··· DATA

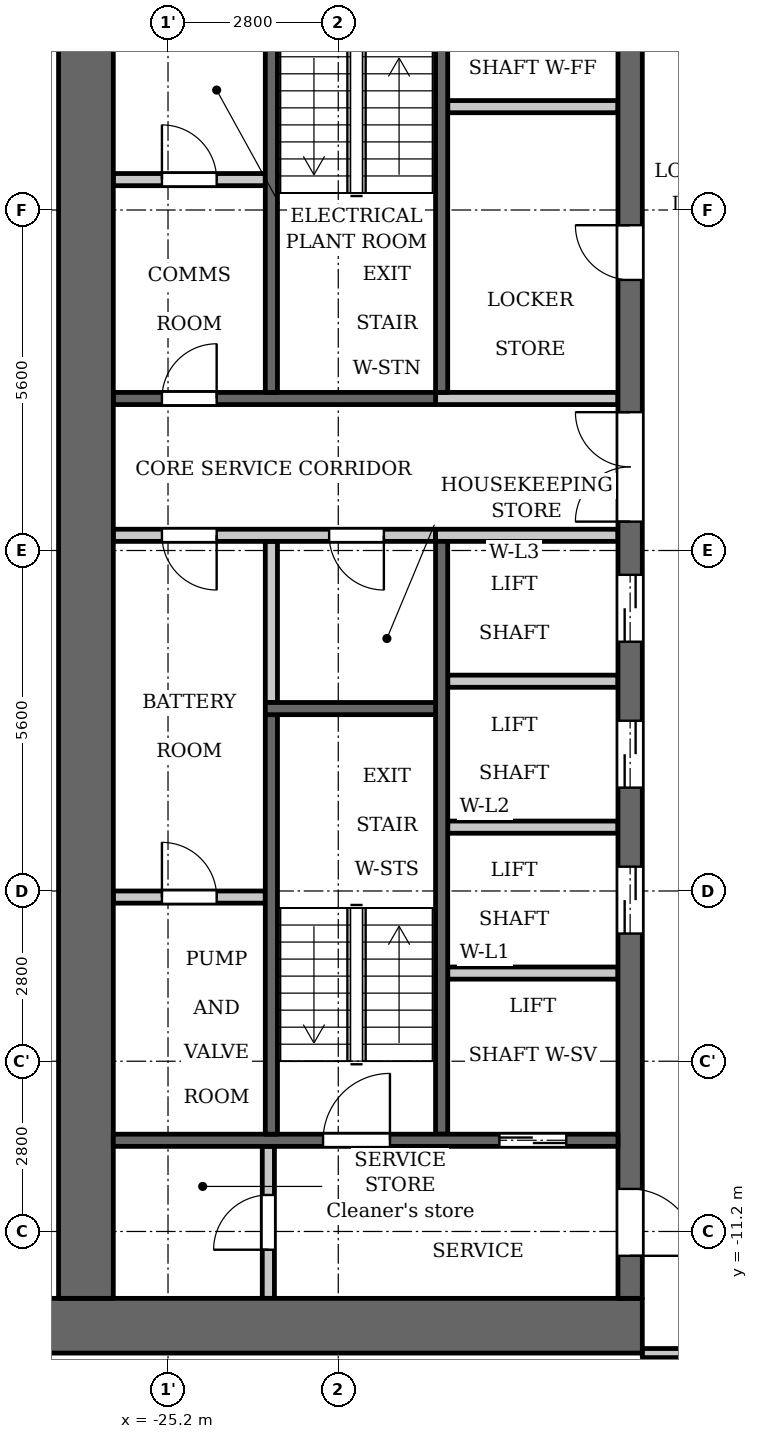
"""IFC4 building model, lengths in metres.
Left out: names, types, materials, properties, quantities, classifications, styles, units other than length and angle.
Written with IfcOpenShell. Run it as: python <this file> out.ifc"""

import sys

from ifc_helpers import new_model, si_unit, direction, frame, frame_2d, origin, place, context, subcontext, project, spatial, rectangle, extrude, element, fill, save


model = new_model("IFC4")
c1 = context("Model", 3, precision=1e-05, world=origin(), true_north=direction((0.0, 1.0)))
c2 = subcontext(c1, "Body", "Model", "MODEL_VIEW")
j1 = project(units=[si_unit("LENGTHUNIT", "METRE"), si_unit("PLANEANGLEUNIT", "RADIAN")], contexts=[c1])
p1 = place(None, origin())
s1 = spatial("IfcSite", under=j1, at=p1, CompositionType="ELEMENT")
p2 = place(p1, origin())
s2 = spatial("IfcBuilding", under=s1, at=p2, CompositionType="ELEMENT")
p3 = place(p2, frame((0.0, 0.0, 55.0)))
s3 = spatial("IfcBuildingStorey", under=s2, at=p3, CompositionType="ELEMENT", Elevation=55.0)
p4 = place(p3, frame((-23.5, -2.5, 0.0), z_axis=(0.0, 0.0, 1.0), x_axis=(0.0, 1.0, 0.0)))
e1 = element("IfcWall", 1, at=p4, inside=s3, PredefinedType="PARTITIONING", context=c2, shape_type="SweptSolid", body=[
    extrude(rectangle(XDim=2.65, YDim=0.2, at=frame_2d((1.325, 0.0))), origin(), (0.0, 0.0, 1.0), 3.2),
])
p5 = place(p3, frame((-20.7, 2.6, 0.0), z_axis=(0.0, 0.0, 1.0), x_axis=(0.0, 1.0, 0.0)))
e2 = element("IfcWall", 2, at=p5, inside=s3, PredefinedType="SHEAR", context=c2, shape_type="SweptSolid", body=[
    extrude(rectangle(XDim=7.0, YDim=0.2, at=frame_2d((3.5, 0.0))), origin(), (0.0, 0.0, 1.0), 3.2),
])
p6 = place(p3, frame((-20.7, -9.6, 0.0), z_axis=(0.0, 0.0, 1.0), x_axis=(0.0, 1.0, 0.0)))
e3 = element("IfcWall", 3, at=p6, inside=s3, PredefinedType="SHEAR", context=c2, shape_type="SweptSolid", body=[
    extrude(rectangle(XDim=9.75, YDim=0.2, at=frame_2d((4.875, 0.0))), origin(), (0.0, 0.0, 1.0), 3.2),
])
p7 = place(p3, frame((-20.8, 2.5, 0.0), z_axis=(0.0, 0.0, 1.0), x_axis=(-1.0, 0.0, 0.0)))
e4 = element("IfcWall", 4, at=p7, inside=s3, PredefinedType="SHEAR", context=c2, shape_type="SweptSolid", body=[
    extrude(rectangle(XDim=5.3, YDim=0.2, at=frame_2d((2.65, 0.0))), origin(), (0.0, 0.0, 1.0), 3.2),
])
p8 = place(p7, frame((3.6, 0.0, 0.0)))
e5 = element("IfcOpeningElement", 5, at=p8, cuts=e4, PredefinedType="OPENING", context=c2, shape_type="SweptSolid", body=[
    extrude(rectangle(XDim=0.9, YDim=2.1, at=frame_2d((0.45, 1.05))), frame((0.0, 0.11, 0.0), z_axis=(0.0, -1.0, 0.0), x_axis=(1.0, 0.0, 0.0)), (0.0, 0.0, 1.0), 0.22),
])
p9 = place(p3, frame((-20.8, 0.25, 0.0), z_axis=(0.0, 0.0, 1.0), x_axis=(-1.0, 0.0, 0.0)))
e6 = element("IfcWall", 6, at=p9, inside=s3, PredefinedType="PARTITIONING", context=c2, shape_type="SweptSolid", body=[
    extrude(rectangle(XDim=5.3, YDim=0.2, at=frame_2d((2.65, 0.0))), origin(), (0.0, 0.0, 1.0), 3.2),
])
p10 = place(p9, frame((0.85, 0.0, 0.0)))
e7 = element("IfcOpeningElement", 7, at=p10, cuts=e6, PredefinedType="OPENING", context=c2, shape_type="SweptSolid", body=[
    extrude(rectangle(XDim=0.9, YDim=2.1, at=frame_2d((0.45, 1.05))), frame((0.0, 0.11, 0.0), z_axis=(0.0, -1.0, 0.0), x_axis=(1.0, 0.0, 0.0)), (0.0, 0.0, 1.0), 0.22),
])
p11 = place(p9, frame((3.6, 0.0, 0.0)))
e8 = element("IfcOpeningElement", 8, at=p11, cuts=e6, PredefinedType="OPENING", context=c2, shape_type="SweptSolid", body=[
    extrude(rectangle(XDim=0.9, YDim=2.1, at=frame_2d((0.45, 1.05))), frame((0.0, 0.11, 0.0), z_axis=(0.0, -1.0, 0.0), x_axis=(1.0, 0.0, 0.0)), (0.0, 0.0, 1.0), 0.22),
])
p12 = place(p3, frame((-17.4, -12.75, 0.0), z_axis=(0.0, 0.0, 1.0), x_axis=(-1.0, 0.0, 0.0)))
e9 = element("IfcWall", 9, at=p12, inside=s3, PredefinedType="SHEAR", context=c2, shape_type="SweptSolid", body=[
    extrude(rectangle(XDim=10.4, YDim=0.9, at=frame_2d((5.2, 0.0))), origin(), (0.0, 0.0, 1.0), 3.2),
])
p13 = place(p3, frame((-17.6, -12.3, 0.0), z_axis=(0.0, 0.0, 1.0), x_axis=(0.0, 1.0, 0.0)))
e10 = element("IfcWall", 10, at=p13, inside=s3, PredefinedType="SHEAR", context=c2, shape_type="SweptSolid", body=[
    extrude(rectangle(XDim=24.6, YDim=0.4, at=frame_2d((12.3, 0.0))), origin(), (0.0, 0.0, 1.0), 3.2),
])
p14 = place(p13, frame((6.0, 0.0, 0.0)))
e11 = element("IfcOpeningElement", 11, at=p14, cuts=e10, PredefinedType="OPENING", context=c2, shape_type="SweptSolid", body=[
    extrude(rectangle(XDim=1.1, YDim=2.1, at=frame_2d((0.55, 1.05))), frame((0.0, 0.21, 0.0), z_axis=(0.0, -1.0, 0.0), x_axis=(1.0, 0.0, 0.0)), (0.0, 0.0, 1.0), 0.42),
])
p15 = place(p13, frame((8.4, 0.0, 0.0)))
e12 = element("IfcOpeningElement", 12, at=p15, cuts=e10, PredefinedType="OPENING", context=c2, shape_type="SweptSolid", body=[
    extrude(rectangle(XDim=1.1, YDim=2.1, at=frame_2d((0.55, 1.05))), frame((0.0, 0.21, 0.0), z_axis=(0.0, -1.0, 0.0), x_axis=(1.0, 0.0, 0.0)), (0.0, 0.0, 1.0), 0.42),
])
p16 = place(p13, frame((10.8, 0.0, 0.0)))
e13 = element("IfcOpeningElement", 13, at=p16, cuts=e10, PredefinedType="OPENING", context=c2, shape_type="SweptSolid", body=[
    extrude(rectangle(XDim=1.1, YDim=2.1, at=frame_2d((0.55, 1.05))), frame((0.0, 0.21, 0.0), z_axis=(0.0, -1.0, 0.0), x_axis=(1.0, 0.0, 0.0)), (0.0, 0.0, 1.0), 0.42),
])
p17 = place(p13, frame((16.75, 0.0, 0.0)))
e14 = element("IfcOpeningElement", 14, at=p17, cuts=e10, PredefinedType="OPENING", context=c2, shape_type="SweptSolid", body=[
    extrude(rectangle(XDim=0.9, YDim=2.1, at=frame_2d((0.45, 1.05))), frame((0.0, 0.21, 0.0), z_axis=(0.0, -1.0, 0.0), x_axis=(1.0, 0.0, 0.0)), (0.0, 0.0, 1.0), 0.42),
])
p18 = place(p13, frame((22.8, 0.0, 0.0)))
e15 = element("IfcOpeningElement", 15, at=p18, cuts=e10, PredefinedType="OPENING", context=c2, shape_type="SweptSolid", body=[
    extrude(rectangle(XDim=1.1, YDim=2.1, at=frame_2d((0.55, 1.05))), frame((0.0, 0.21, 0.0), z_axis=(0.0, -1.0, 0.0), x_axis=(1.0, 0.0, 0.0)), (0.0, 0.0, 1.0), 0.42),
])
p19 = place(p13, frame((0.7, 0.0, 0.0)))
e16 = element("IfcOpeningElement", 16, at=p19, cuts=e10, PredefinedType="OPENING", context=c2, shape_type="SweptSolid", body=[
    extrude(rectangle(XDim=1.1, YDim=2.1, at=frame_2d((0.55, 1.05))), frame((0.0, 0.21, 0.0), z_axis=(0.0, -1.0, 0.0), x_axis=(1.0, 0.0, 0.0)), (0.0, 0.0, 1.0), 0.42),
])
p20 = place(p13, frame((12.775, 0.0, 0.0)))
e17 = element("IfcOpeningElement", 17, at=p20, cuts=e10, PredefinedType="OPENING", context=c2, shape_type="SweptSolid", body=[
    extrude(rectangle(XDim=1.8, YDim=2.1, at=frame_2d((0.9, 1.05))), frame((0.0, 0.21, 0.0), z_axis=(0.0, -1.0, 0.0), x_axis=(1.0, 0.0, 0.0)), (0.0, 0.0, 1.0), 0.42),
])
p21 = place(p3, frame((-26.55, -12.3, 0.0), z_axis=(0.0, 0.0, 1.0), x_axis=(0.0, 1.0, 0.0)))
e18 = element("IfcWall", 18, at=p21, inside=s3, PredefinedType="SHEAR", context=c2, shape_type="SweptSolid", body=[
    extrude(rectangle(XDim=24.6, YDim=0.9, at=frame_2d((12.3, 0.0))), origin(), (0.0, 0.0, 1.0), 3.2),
])
p22 = place(p3, frame((-23.55, -12.3, 0.0), z_axis=(0.0, 0.0, 1.0), x_axis=(0.0, 1.0, 0.0)))
e19 = element("IfcWall", 19, at=p22, inside=s3, PredefinedType="PARTITIONING", context=c2, shape_type="SweptSolid", body=[
    extrude(rectangle(XDim=2.5, YDim=0.2, at=frame_2d((1.25, 0.0))), origin(), (0.0, 0.0, 1.0), 3.2),
])
p23 = place(p22, frame((0.8, 0.0, 0.0)))
e20 = element("IfcOpeningElement", 20, at=p23, cuts=e19, PredefinedType="OPENING", context=c2, shape_type="SweptSolid", body=[
    extrude(rectangle(XDim=0.9, YDim=2.1, at=frame_2d((0.45, 1.05))), frame((0.0, 0.11, 0.0), z_axis=(0.0, -1.0, 0.0), x_axis=(1.0, 0.0, 0.0)), (0.0, 0.0, 1.0), 0.22),
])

······

• [TASK]
From the first line of the entries above through the line with "p1 = place(None, origin())", set down each line exactly and drop the pictures.

• [EXPECTED OUTPUT]
"""IFC4 building model, lengths in metres.
Left out: names, types, materials, properties, quantities, classifications, styles, units other than length and angle.
Written with IfcOpenShell. Run it as: python <this file> out.ifc"""

import sys

from ifc_helpers import new_model, si_unit, direction, frame, frame_2d, origin, place, context, subcontext, project, spatial, rectangle, extrude, element, fill, save


model = new_model("IFC4")
c1 = context("Model", 3, precision=1e-05, world=origin(), true_north=direction((0.0, 1.0)))
c2 = subcontext(c1, "Body", "Model", "MODEL_VIEW")
j1 = project(units=[si_unit("LENGTHUNIT", "METRE"), si_unit("PLANEANGLEUNIT", "RADIAN")], contexts=[c1])
p1 = place(None, origin())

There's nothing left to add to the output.